Dataset items
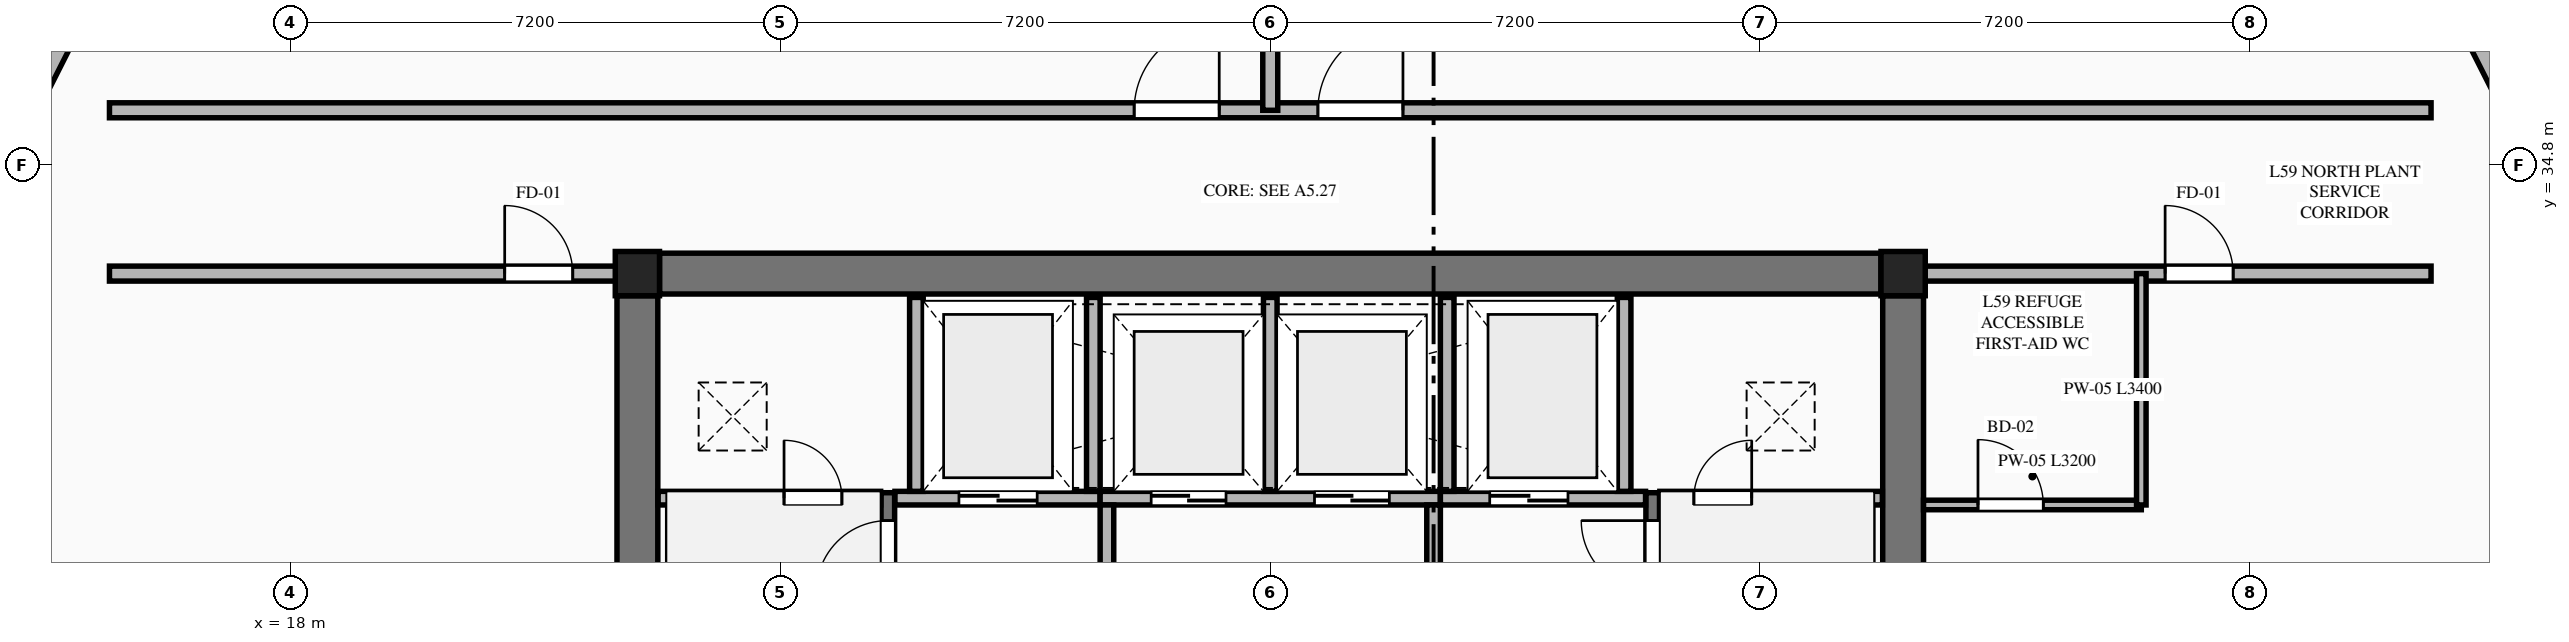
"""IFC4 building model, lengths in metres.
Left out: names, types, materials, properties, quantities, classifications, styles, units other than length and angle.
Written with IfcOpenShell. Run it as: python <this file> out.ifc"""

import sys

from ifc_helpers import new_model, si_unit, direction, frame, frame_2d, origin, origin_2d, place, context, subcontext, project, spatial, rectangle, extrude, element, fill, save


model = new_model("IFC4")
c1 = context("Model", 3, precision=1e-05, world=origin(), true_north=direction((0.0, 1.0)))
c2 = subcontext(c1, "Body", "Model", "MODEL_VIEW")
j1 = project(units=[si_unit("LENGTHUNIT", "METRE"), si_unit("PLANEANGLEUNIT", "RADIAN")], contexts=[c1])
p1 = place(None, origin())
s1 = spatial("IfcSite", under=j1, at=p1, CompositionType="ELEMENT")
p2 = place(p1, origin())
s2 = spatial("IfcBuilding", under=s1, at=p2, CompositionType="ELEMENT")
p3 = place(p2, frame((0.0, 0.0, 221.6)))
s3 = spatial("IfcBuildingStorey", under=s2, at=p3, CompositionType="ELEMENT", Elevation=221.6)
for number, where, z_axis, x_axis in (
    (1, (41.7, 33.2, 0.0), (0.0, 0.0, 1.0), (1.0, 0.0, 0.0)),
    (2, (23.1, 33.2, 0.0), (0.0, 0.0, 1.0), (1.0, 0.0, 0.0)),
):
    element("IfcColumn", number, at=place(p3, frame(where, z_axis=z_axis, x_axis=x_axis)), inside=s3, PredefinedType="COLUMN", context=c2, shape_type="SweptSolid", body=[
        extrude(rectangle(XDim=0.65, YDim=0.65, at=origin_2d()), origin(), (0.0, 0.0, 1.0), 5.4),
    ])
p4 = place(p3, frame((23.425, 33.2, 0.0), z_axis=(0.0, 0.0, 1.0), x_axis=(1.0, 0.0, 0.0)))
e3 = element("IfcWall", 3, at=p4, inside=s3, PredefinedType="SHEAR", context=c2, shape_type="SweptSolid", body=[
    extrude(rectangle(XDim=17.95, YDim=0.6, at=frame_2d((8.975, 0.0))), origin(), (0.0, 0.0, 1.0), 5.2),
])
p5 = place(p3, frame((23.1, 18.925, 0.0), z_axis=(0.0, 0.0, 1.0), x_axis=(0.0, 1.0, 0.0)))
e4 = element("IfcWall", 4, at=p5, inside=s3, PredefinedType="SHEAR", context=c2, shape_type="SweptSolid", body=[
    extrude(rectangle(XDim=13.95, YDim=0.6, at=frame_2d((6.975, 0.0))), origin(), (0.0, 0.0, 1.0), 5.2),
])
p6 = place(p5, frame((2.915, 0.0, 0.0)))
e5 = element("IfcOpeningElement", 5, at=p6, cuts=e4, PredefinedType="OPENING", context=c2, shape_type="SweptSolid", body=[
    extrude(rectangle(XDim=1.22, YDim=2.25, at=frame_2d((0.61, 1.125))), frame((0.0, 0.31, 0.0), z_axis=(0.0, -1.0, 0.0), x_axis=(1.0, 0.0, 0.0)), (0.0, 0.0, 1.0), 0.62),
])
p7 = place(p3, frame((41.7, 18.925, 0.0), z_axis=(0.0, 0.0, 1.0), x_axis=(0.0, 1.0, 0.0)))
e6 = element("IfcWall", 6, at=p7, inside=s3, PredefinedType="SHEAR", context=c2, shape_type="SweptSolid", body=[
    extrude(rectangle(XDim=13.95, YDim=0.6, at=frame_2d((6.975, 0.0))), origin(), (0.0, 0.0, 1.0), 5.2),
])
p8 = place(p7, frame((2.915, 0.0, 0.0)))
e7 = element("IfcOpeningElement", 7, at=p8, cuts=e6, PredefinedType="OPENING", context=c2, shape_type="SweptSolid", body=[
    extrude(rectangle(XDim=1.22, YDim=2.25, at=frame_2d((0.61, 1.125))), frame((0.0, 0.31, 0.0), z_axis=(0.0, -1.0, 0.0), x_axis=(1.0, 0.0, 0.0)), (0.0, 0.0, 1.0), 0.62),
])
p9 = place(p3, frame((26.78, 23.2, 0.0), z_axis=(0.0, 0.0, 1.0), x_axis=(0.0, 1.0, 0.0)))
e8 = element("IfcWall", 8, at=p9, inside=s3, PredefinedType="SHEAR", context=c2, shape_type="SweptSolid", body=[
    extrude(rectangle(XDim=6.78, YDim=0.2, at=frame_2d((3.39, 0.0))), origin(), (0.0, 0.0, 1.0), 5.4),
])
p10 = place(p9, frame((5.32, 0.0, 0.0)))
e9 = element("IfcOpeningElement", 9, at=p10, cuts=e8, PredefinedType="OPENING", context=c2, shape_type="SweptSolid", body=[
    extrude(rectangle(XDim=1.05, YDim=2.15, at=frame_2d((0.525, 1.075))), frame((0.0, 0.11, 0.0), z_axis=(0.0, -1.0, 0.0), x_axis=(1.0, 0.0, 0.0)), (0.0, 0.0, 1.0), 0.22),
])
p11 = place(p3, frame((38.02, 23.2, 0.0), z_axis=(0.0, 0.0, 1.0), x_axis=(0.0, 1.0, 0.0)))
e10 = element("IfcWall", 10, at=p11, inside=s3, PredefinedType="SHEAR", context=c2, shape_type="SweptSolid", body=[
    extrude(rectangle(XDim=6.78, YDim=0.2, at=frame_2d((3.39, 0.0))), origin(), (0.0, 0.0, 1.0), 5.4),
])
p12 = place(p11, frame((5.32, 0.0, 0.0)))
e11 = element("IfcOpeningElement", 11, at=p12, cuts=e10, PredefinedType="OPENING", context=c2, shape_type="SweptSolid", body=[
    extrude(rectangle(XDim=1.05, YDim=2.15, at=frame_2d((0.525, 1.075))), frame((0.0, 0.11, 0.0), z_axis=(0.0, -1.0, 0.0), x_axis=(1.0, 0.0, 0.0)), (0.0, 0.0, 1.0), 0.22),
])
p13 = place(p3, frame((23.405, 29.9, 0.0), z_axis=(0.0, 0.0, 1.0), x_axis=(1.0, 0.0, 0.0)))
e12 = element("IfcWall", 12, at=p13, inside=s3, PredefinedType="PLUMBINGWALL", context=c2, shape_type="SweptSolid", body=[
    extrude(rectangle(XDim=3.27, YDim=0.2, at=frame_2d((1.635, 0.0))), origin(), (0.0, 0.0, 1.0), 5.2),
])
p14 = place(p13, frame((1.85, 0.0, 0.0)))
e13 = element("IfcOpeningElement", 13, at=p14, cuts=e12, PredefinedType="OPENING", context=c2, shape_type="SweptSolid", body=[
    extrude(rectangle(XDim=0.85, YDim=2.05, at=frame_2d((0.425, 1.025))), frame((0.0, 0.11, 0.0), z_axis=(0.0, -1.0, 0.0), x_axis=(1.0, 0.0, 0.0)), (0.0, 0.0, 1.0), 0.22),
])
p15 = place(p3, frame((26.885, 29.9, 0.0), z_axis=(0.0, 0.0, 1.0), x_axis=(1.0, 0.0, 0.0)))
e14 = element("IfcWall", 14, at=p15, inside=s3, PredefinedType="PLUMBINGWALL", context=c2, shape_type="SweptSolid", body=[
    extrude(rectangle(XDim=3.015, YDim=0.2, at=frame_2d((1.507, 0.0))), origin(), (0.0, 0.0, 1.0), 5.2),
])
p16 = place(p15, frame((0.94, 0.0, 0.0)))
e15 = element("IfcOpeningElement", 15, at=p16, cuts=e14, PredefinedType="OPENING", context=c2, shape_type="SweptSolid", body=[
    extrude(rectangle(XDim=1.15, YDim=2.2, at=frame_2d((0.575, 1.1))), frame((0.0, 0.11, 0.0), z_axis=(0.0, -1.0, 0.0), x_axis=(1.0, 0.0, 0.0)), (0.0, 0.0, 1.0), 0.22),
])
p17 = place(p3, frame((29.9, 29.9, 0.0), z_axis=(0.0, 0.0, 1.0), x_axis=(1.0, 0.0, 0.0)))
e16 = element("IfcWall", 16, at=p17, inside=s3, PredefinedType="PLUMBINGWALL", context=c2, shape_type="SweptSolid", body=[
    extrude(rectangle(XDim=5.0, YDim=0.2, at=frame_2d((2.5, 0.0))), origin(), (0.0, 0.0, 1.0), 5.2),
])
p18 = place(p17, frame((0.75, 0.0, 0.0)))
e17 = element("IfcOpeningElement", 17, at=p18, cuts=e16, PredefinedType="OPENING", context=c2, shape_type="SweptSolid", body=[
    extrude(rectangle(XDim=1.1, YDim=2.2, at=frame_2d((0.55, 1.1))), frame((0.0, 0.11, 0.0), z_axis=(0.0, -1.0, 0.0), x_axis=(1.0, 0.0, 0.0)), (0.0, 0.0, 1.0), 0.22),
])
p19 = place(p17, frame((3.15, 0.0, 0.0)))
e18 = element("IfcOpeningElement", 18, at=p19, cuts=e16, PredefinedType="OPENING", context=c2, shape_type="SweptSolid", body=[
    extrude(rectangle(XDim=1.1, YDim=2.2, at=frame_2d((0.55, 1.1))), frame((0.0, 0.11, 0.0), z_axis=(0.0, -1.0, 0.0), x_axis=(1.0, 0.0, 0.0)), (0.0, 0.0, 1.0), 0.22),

What you will do
Looking through the records, copy out every line in which the word "PLUMBINGWALL" is found.

Answer below
e12 = element("IfcWall", 12, at=p13, inside=s3, PredefinedType="PLUMBINGWALL", context=c2, shape_type="SweptSolid", body=[
e14 = element("IfcWall", 14, at=p15, inside=s3, PredefinedType="PLUMBINGWALL", context=c2, shape_type="SweptSolid", body=[
e16 = element("IfcWall", 16, at=p17, inside=s3, PredefinedType="PLUMBINGWALL", context=c2, shape_type="SweptSolid", body=[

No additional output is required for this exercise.